» Exercise description: Find the lines in the entries that follow where the word "import" occurs, and state how many there are, with no other words.

Recorded data
==*==

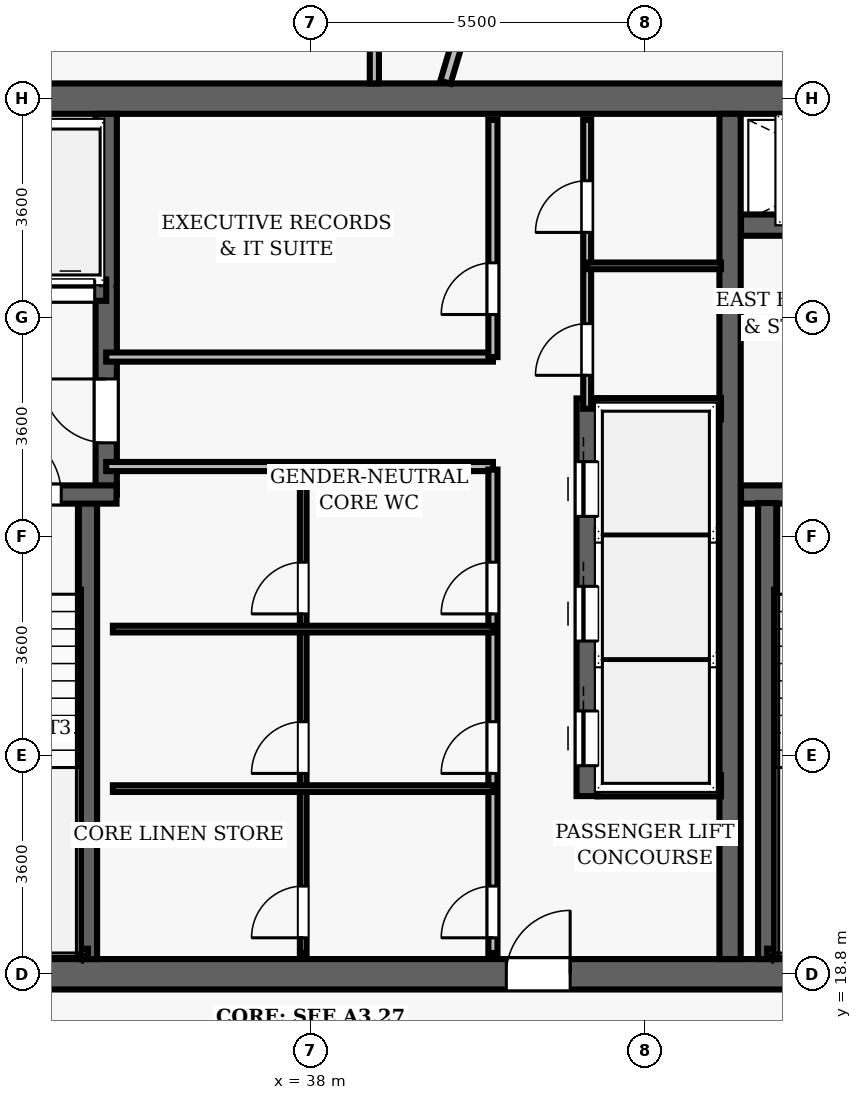
"""IFC4 building model, lengths in metres.
Left out: names, types, materials, properties, quantities, classifications, styles, units other than length and angle.
Written with IfcOpenShell. Run it as: python <this file> out.ifc"""

import sys

from ifc_helpers import new_model, si_unit, direction, frame, frame_2d, origin, place, context, subcontext, project, spatial, rectangle, extrude, element, fill, save


model = new_model("IFC4")
c1 = context("Model", 3, precision=1e-05, world=origin(), true_north=direction((0.0, 1.0)))
c2 = subcontext(c1, "Body", "Model", "MODEL_VIEW")
j1 = project(units=[si_unit("LENGTHUNIT", "METRE"), si_unit("PLANEANGLEUNIT", "RADIAN")], contexts=[c1])
p1 = place(None, origin())
s1 = spatial("IfcSite", under=j1, at=p1, CompositionType="ELEMENT")
p2 = place(p1, origin())
s2 = spatial("IfcBuilding", under=s1, at=p2, CompositionType="ELEMENT")
p3 = place(p2, frame((0.0, 0.0, 272.85)))
s3 = spatial("IfcBuildingStorey", under=s2, at=p3, CompositionType="ELEMENT", Elevation=272.85)
p4 = place(p3, frame((26.75, 18.8, 0.0), z_axis=(0.0, 0.0, 1.0), x_axis=(1.0, 0.0, 0.0)))
e1 = element("IfcWall", 1, at=p4, inside=s3, PredefinedType="SHEAR", context=c2, shape_type="SweptSolid", body=[
    extrude(rectangle(XDim=22.5, YDim=0.5, at=frame_2d((11.25, 0.0))), origin(), (0.0, 0.0, 1.0), 3.85),
])
p5 = place(p4, frame((14.47, 0.0, 0.0)))
e2 = element("IfcOpeningElement", 2, at=p5, cuts=e1, PredefinedType="OPENING", context=c2, shape_type="SweptSolid", body=[
    extrude(rectangle(XDim=1.05, YDim=2.15, at=frame_2d((0.525, 1.075))), frame((0.0, 0.26, 0.0), z_axis=(0.0, -1.0, 0.0), x_axis=(1.0, 0.0, 0.0)), (0.0, 0.0, 1.0), 0.52),
])
p6 = place(p3, frame((26.75, 33.2, 0.0), z_axis=(0.0, 0.0, 1.0), x_axis=(1.0, 0.0, 0.0)))
e3 = element("IfcWall", 3, at=p6, inside=s3, PredefinedType="SHEAR", context=c2, shape_type="SweptSolid", body=[
    extrude(rectangle(XDim=22.5, YDim=0.5, at=frame_2d((11.25, 0.0))), origin(), (0.0, 0.0, 1.0), 3.85),
])
p7 = place(p3, frame((44.9, 19.05, 0.0), z_axis=(0.0, 0.0, 1.0), x_axis=(0.0, 1.0, 0.0)))
e4 = element("IfcWall", 4, at=p7, inside=s3, PredefinedType="SHEAR", context=c2, shape_type="SweptSolid", body=[
    extrude(rectangle(XDim=13.9, YDim=0.35, at=frame_2d((6.95, 0.0))), origin(), (0.0, 0.0, 1.0), 3.85),
])
p8 = place(p3, frame((45.08, 26.69, 0.0), z_axis=(0.0, 0.0, 1.0), x_axis=(1.0, 0.0, 0.0)))
e5 = element("IfcWall", 5, at=p8, inside=s3, PredefinedType="SHEAR", context=c2, shape_type="SweptSolid", body=[
    extrude(rectangle(XDim=3.67, YDim=0.3, at=frame_2d((1.835, 0.0))), origin(), (0.0, 0.0, 1.0), 3.85),
])
p9 = place(p8, frame((1.05, 0.0, 0.0)))
e6 = element("IfcOpeningElement", 6, at=p9, cuts=e5, PredefinedType="OPENING", context=c2, shape_type="SweptSolid", body=[
    extrude(rectangle(XDim=1.1, YDim=2.15, at=frame_2d((0.55, 1.075))), frame((0.0, 0.16, 0.0), z_axis=(0.0, -1.0, 0.0), x_axis=(1.0, 0.0, 0.0)), (0.0, 0.0, 1.0), 0.32),
])
p10 = place(p3, frame((45.51, 19.05, 0.0), z_axis=(0.0, 0.0, 1.0), x_axis=(0.0, 1.0, 0.0)))
e7 = element("IfcWall", 7, at=p10, inside=s3, PredefinedType="SHEAR", context=c2, shape_type="SweptSolid", body=[
    extrude(rectangle(XDim=7.5, YDim=0.3, at=frame_2d((3.75, 0.0))), origin(), (0.0, 0.0, 1.0), 3.85),
])
p11 = place(p3, frame((45.51, 19.16, 0.0), z_axis=(0.0, 0.0, 1.0), x_axis=(1.0, 0.0, 0.0)))
e8 = element("IfcWall", 8, at=p11, inside=s3, PredefinedType="SHEAR", context=c2, shape_type="SweptSolid", body=[
    extrude(rectangle(XDim=3.095, YDim=0.12, at=frame_2d((1.547, 0.0))), origin(), (0.0, 0.0, 1.0), 3.85),
])
p12 = place(p3, frame((45.08, 31.12, 0.0), z_axis=(0.0, 0.0, 1.0), x_axis=(1.0, 0.0, 0.0)))
e9 = element("IfcWall", 9, at=p12, inside=s3, PredefinedType="SHEAR", context=c2, shape_type="SweptSolid", body=[
    extrude(rectangle(XDim=3.67, YDim=0.35, at=frame_2d((1.835, 0.0))), origin(), (0.0, 0.0, 1.0), 3.04),
])
p13 = place(p12, frame((1.25, 0.0, 0.0)))
e10 = element("IfcOpeningElement", 10, at=p13, cuts=e9, PredefinedType="OPENING", context=c2, shape_type="SweptSolid", body=[
    extrude(rectangle(XDim=1.1, YDim=2.15, at=frame_2d((0.55, 1.075))), frame((0.0, 0.185, 0.0), z_axis=(0.0, -1.0, 0.0), x_axis=(1.0, 0.0, 0.0)), (0.0, 0.0, 1.0), 0.37),
])
p14 = place(p3, frame((34.34, 19.05, 0.0), z_axis=(0.0, 0.0, 1.0), x_axis=(0.0, 1.0, 0.0)))
e11 = element("IfcWall", 11, at=p14, inside=s3, PredefinedType="SHEAR", context=c2, shape_type="SweptSolid", body=[
    extrude(rectangle(XDim=7.5, YDim=0.3, at=frame_2d((3.75, 0.0))), origin(), (0.0, 0.0, 1.0), 3.85),
])
p15 = place(p3, frame((34.64, 26.69, 0.0), z_axis=(0.0, 0.0, 1.0), x_axis=(0.0, 1.0, 0.0)))
e12 = element("IfcWall", 12, at=p15, inside=s3, PredefinedType="SHEAR", context=c2, shape_type="SweptSolid", body=[
    extrude(rectangle(XDim=6.26, YDim=0.35, at=frame_2d((3.13, 0.0))), origin(), (0.0, 0.0, 1.0), 3.85),
])
p16 = place(p15, frame((0.85, 0.0, 0.0)))
e13 = element("IfcOpeningElement", 13, at=p16, cuts=e12, PredefinedType="OPENING", context=c2, shape_type="SweptSolid", body=[
    extrude(rectangle(XDim=1.05, YDim=2.15, at=frame_2d((0.525, 1.075))), frame((0.0, 0.185, 0.0), z_axis=(0.0, -1.0, 0.0), x_axis=(1.0, 0.0, 0.0)), (0.0, 0.0, 1.0), 0.37),
])
p17 = place(p3, frame((31.25, 26.69, 0.0), z_axis=(0.0, 0.0, 1.0), x_axis=(1.0, 0.0, 0.0)))
e14 = element("IfcWall", 14, at=p17, inside=s3, PredefinedType="SHEAR", context=c2, shape_type="SweptSolid", body=[
    extrude(rectangle(XDim=3.56, YDim=0.3, at=frame_2d((1.78, 0.0))), origin(), (0.0, 0.0, 1.0), 3.85),
])
p18 = place(p17, frame((1.55, 0.0, 0.0)))
e15 = element("IfcOpeningElement", 15, at=p18, cuts=e14, PredefinedType="OPENING", context=c2, shape_type="SweptSolid", body=[
    extrude(rectangle(XDim=1.1, YDim=2.15, at=frame_2d((0.55, 1.075))), frame((0.0, 0.16, 0.0), z_axis=(0.0, -1.0, 0.0), x_axis=(1.0, 0.0, 0.0)), (0.0, 0.0, 1.0), 0.32),
])
p19 = place(p3, frame((31.3, 19.16, 0.0), z_axis=(0.0, 0.0, 1.0), x_axis=(1.0, 0.0, 0.0)))
e16 = element("IfcWall", 16, at=p19, inside=s3, PredefinedType="SHEAR", context=c2, shape_type="SweptSolid", body=[
    extrude(rectangle(XDim=3.04, YDim=0.12, at=frame_2d((1.52, 0.0))), origin(), (0.0, 0.0, 1.0), 3.85),
])
p20 = place(p3, frame((32.23, 30.05, 0.0), z_axis=(0.0, 0.0, 1.0), x_axis=(1.0, 0.0, 0.0)))
e17 = element("IfcWall", 17, at=p20, inside=s3, PredefinedType="SHEAR", context=c2, shape_type="SweptSolid", body=[
    extrude(rectangle(XDim=2.41, YDim=0.35, at=frame_2d((1.205, 0.0))), origin(), (0.0, 0.0, 1.0), 3.04),
])
p21 = place(p20, frame((0.42, 0.0, 0.0)))
e18 = element("IfcOpeningElement", 18, at=p21, cuts=e17, PredefinedType="OPENING", context=c2, shape_type="SweptSolid", body=[
    extrude(rectangle(XDim=0.8, YDim=2.15, at=frame_2d((0.4, 1.075))), frame((0.0, 0.185, 0.0), z_axis=(0.0, -1.0, 0.0), x_axis=(1.0, 0.0, 0.0)), (0.0, 0.0, 1.0), 0.37),
])
p22 = place(p20, frame((1.42, 0.0, 0.0)))
e19 = element("IfcOpeningElement", 19, at=p22, cuts=e17, PredefinedType="OPENING", context=c2, shape_type="SweptSolid", body=[
    extrude(rectangle(XDim=0.8, YDim=2.15, at=frame_2d((0.4, 1.075))), frame((0.0, 0.185, 0.0), z_axis=(0.0, -1.0, 0.0), x_axis=(1.0, 0.0, 0.0)), (0.0, 0.0, 1.0), 0.37),
])
p23 = place(p3, frame((42.55, 21.73, 0.0), z_axis=(0.0, 0.0, 1.0), x_axis=(0.0, 1.0, 0.0)))
e20 = element("IfcWall", 20, at=p23, inside=s3, PredefinedType="SHEAR", context=c2, shape_type="SweptSolid", body=[
    extrude(rectangle(XDim=6.54, YDim=0.35, at=frame_2d((3.27, 0.0))), origin(), (0.0, 0.0, 1.0), 3.04),
])
p24 = place(p23, frame((0.5, 0.0, 0.0)))
e21 = element("IfcOpeningElement", 21, at=p24, cuts=e20, PredefinedType="OPENING", context=c2, shape_type="SweptSolid", body=[
    extrude(rectangle(XDim=0.9, YDim=2.15, at=frame_2d((0.45, 1.075))), frame((0.0, 0.185, 0.0), z_axis=(0.0, -1.0, 0.0), x_axis=(1.0, 0.0, 0.0)), (0.0, 0.0, 1.0), 0.37),
])
p25 = place(p23, frame((2.55, 0.0, 0.0)))
e22 = element("IfcOpeningElement", 22, at=p25, cuts=e20, PredefinedType="OPENING", context=c2, shape_type="SweptSolid", body=[
    extrude(rectangle(XDim=0.9, YDim=2.15, at=frame_2d((0.45, 1.075))), frame((0.0, 0.185, 0.0), z_axis=(0.0, -1.0, 0.0), x_axis=(1.0, 0.0, 0.0)), (0.0, 0.0, 1.0), 0.37),
])
p26 = place(p23, frame((4.6, 0.0, 0.0)))
e23 = element("IfcOpeningElement", 23, at=p26, cuts=e20, PredefinedType="OPENING", context=c2, shape_type="SweptSolid", body=[
    extrude(rectangle(XDim=0.9, YDim=2.15, at=frame_2d((0.45, 1.075))), frame((0.0, 0.185, 0.0), z_axis=(0.0, -1.0, 0.0), x_axis=(1.0, 0.0, 0.0)), (0.0, 0.0, 1.0), 0.37),
])
for number, where, z_axis, x_axis in (
    (24, (42.72, 21.9, 0.0), (0.0, 0.0, 1.0), (1.0, 0.0, 0.0)),
    (25, (42.72, 28.1, 0.0), (0.0, 0.0, 1.0), (1.0, 0.0, 0.0)),
):
    element("IfcWall", number, at=place(p3, frame(where, z_axis=z_axis, x_axis=x_axis)), inside=s3, PredefinedType="SHEAR", context=c2, shape_type="SweptSolid", body=[
        extrude(rectangle(XDim=2.03, YDim=0.35, at=frame_2d((1.015, 0.0))), origin(), (0.0, 0.0, 1.0), 3.04),
    ])
for number, where, z_axis, x_axis in (
    (26, (34.64, 27.15, 0.0), (0.0, 0.0, 1.0), (1.0, 0.0, 0.0)),
    (27, (34.64, 28.95, 0.0), (0.0, 0.0, 1.0), (1.0, 0.0, 0.0)),
):
    element("IfcWall", number, at=place(p3, frame(where, z_axis=z_axis, x_axis=x_axis)), inside=s3, PredefinedType="PARTITIONING", context=c2, shape_type="SweptSolid", body=[
        extrude(rectangle(XDim=6.36, YDim=0.15, at=frame_2d((3.18, 0.0))), origin(), (0.0, 0.0, 1.0), 3.04),
    ])
p27 = place(p3, frame((41.0, 28.95, 0.0), z_axis=(0.0, 0.0, 1.0), x_axis=(0.0, 1.0, 0.0)))
e28 = element("IfcWall", 28, at=p27, inside=s3, PredefinedType="PARTITIONING", context=c2, shape_type="SweptSolid", body=[
    extrude(rectangle(XDim=3.9, YDim=0.15, at=frame_2d((1.95, 0.0))), origin(), (0.0, 0.0, 1.0), 3.04),
])
p28 = place(p27, frame((0.7, 0.0, 0.0)))
e29 = element("IfcOpeningElement", 29, at=p28, cuts=e28, PredefinedType="OPENING", context=c2, shape_type="SweptSolid", body=[
    extrude(rectangle(XDim=0.85, YDim=2.1, at=frame_2d((0.425, 1.05))), frame((0.0, 0.085, 0.0), z_axis=(0.0, -1.0, 0.0), x_axis=(1.0, 0.0, 0.0)), (0.0, 0.0, 1.0), 0.17),
])
p29 = place(p3, frame((41.0, 19.15, 0.0), z_axis=(0.0, 0.0, 1.0), x_axis=(0.0, 1.0, 0.0)))
e30 = element("IfcWall", 30, at=p29, inside=s3, PredefinedType="PARTITIONING", context=c2, shape_type="SweptSolid", body=[
    extrude(rectangle(XDim=7.95, YDim=0.15, at=frame_2d((3.975, 0.0))), origin(), (0.0, 0.0, 1.0), 3.04),
])
p30 = place(p29, frame((0.25, 0.0, 0.0)))
e31 = element("IfcOpeningElement", 31, at=p30, cuts=e30, PredefinedType="OPENING", context=c2, shape_type="SweptSolid", body=[
    extrude(rectangle(XDim=0.85, YDim=2.1, at=frame_2d((0.425, 1.05))), frame((0.0, 0.085, 0.0), z_axis=(0.0, -1.0, 0.0), x_axis=(1.0, 0.0, 0.0)), (0.0, 0.0, 1.0), 0.17),
])
p31 = place(p29, frame((2.953, 0.0, 0.0)))
e32 = element("IfcOpeningElement", 32, at=p31, cuts=e30, PredefinedType="OPENING", context=c2, shape_type="SweptSolid", body=[
    extrude(rectangle(XDim=0.85, YDim=2.1, at=frame_2d((0.425, 1.05))), frame((0.0, 0.085, 0.0), z_axis=(0.0, -1.0, 0.0), x_axis=(1.0, 0.0, 0.0)), (0.0, 0.0, 1.0), 0.17),
])
p32 = place(p29, frame((5.576, 0.0, 0.0)))
e33 = element("IfcOpeningElement", 33, at=p32, cuts=e30, PredefinedType="OPENING", context=c2, shape_type="SweptSolid", body=[
    extrude(rectangle(XDim=0.85, YDim=2.1, at=frame_2d((0.425, 1.05))), frame((0.0, 0.085, 0.0), z_axis=(0.0, -1.0, 0.0), x_axis=(1.0, 0.0, 0.0)), (0.0, 0.0, 1.0), 0.17),
])
p33 = place(p3, frame((37.88, 19.15, 0.0), z_axis=(0.0, 0.0, 1.0), x_axis=(0.0, 1.0, 0.0)))
e34 = element("IfcWall", 34, at=p33, inside=s3, PredefinedType="PARTITIONING", context=c2, shape_type="SweptSolid", body=[
    extrude(rectangle(XDim=7.95, YDim=0.11, at=frame_2d((3.975, 0.0))), origin(), (0.0, 0.0, 1.0), 3.04),
])
p34 = place(p33, frame((0.25, 0.0, 0.0)))
e35 = element("IfcOpeningElement", 35, at=p34, cuts=e34, PredefinedType="OPENING", context=c2, shape_type="SweptSolid", body=[
    extrude(rectangle(XDim=0.85, YDim=2.1, at=frame_2d((0.425, 1.05))), frame((0.0, 0.065, 0.0), z_axis=(0.0, -1.0, 0.0), x_axis=(1.0, 0.0, 0.0)), (0.0, 0.0, 1.0), 0.13),
])
p35 = place(p33, frame((2.953, 0.0, 0.0)))
e36 = element("IfcOpeningElement", 36, at=p35, cuts=e34, PredefinedType="OPENING", context=c2, shape_type="SweptSolid", body=[
    extrude(rectangle(XDim=0.85, YDim=2.1, at=frame_2d((0.425, 1.05))), frame((0.0, 0.065, 0.0), z_axis=(0.0, -1.0, 0.0), x_axis=(1.0, 0.0, 0.0)), (0.0, 0.0, 1.0), 0.13),
])
p36 = place(p33, frame((5.576, 0.0, 0.0)))
e37 = element("IfcOpeningElement", 37, at=p36, cuts=e34, PredefinedType="OPENING", context=c2, shape_type="SweptSolid", body=[
    extrude(rectangle(XDim=0.85, YDim=2.1, at=frame_2d((0.425, 1.05))), frame((0.0, 0.065, 0.0), z_axis=(0.0, -1.0, 0.0), x_axis=(1.0, 0.0, 0.0)), (0.0, 0.0, 1.0), 0.13),
])
for number, where, z_axis, x_axis in (
    (38, (34.75, 21.853, 0.0), (0.0, 0.0, 1.0), (1.0, 0.0, 0.0)),
    (39, (34.75, 24.477, 0.0), (0.0, 0.0, 1.0), (1.0, 0.0, 0.0)),
):
    element("IfcWall", number, at=place(p3, frame(where, z_axis=z_axis, x_axis=x_axis)), inside=s3, PredefinedType="PARTITIONING", context=c2, shape_type="SweptSolid", body=[
        extrude(rectangle(XDim=6.25, YDim=0.11, at=frame_2d((3.125, 0.0))), origin(), (0.0, 0.0, 1.0), 3.04),
    ])
p37 = place(p3, frame((42.55, 28.1, 0.0), z_axis=(0.0, 0.0, 1.0), x_axis=(0.0, 1.0, 0.0)))
e40 = element("IfcWall", 40, at=p37, inside=s3, PredefinedType="PARTITIONING", context=c2, shape_type="SweptSolid", body=[
    extrude(rectangle(XDim=4.75, YDim=0.13, at=frame_2d((2.375, 0.0))), origin(), (0.0, 0.0, 1.0), 3.04),
])
p38 = place(p37, frame((0.55, 0.0, 0.0)))
e41 = element("IfcOpeningElement", 41, at=p38, cuts=e40, PredefinedType="OPENING", context=c2, shape_type="SweptSolid", body=[
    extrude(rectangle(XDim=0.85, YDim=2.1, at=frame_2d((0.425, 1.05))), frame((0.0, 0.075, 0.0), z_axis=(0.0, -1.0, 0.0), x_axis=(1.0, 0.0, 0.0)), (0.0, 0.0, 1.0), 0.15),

==*==

» Expected output: 2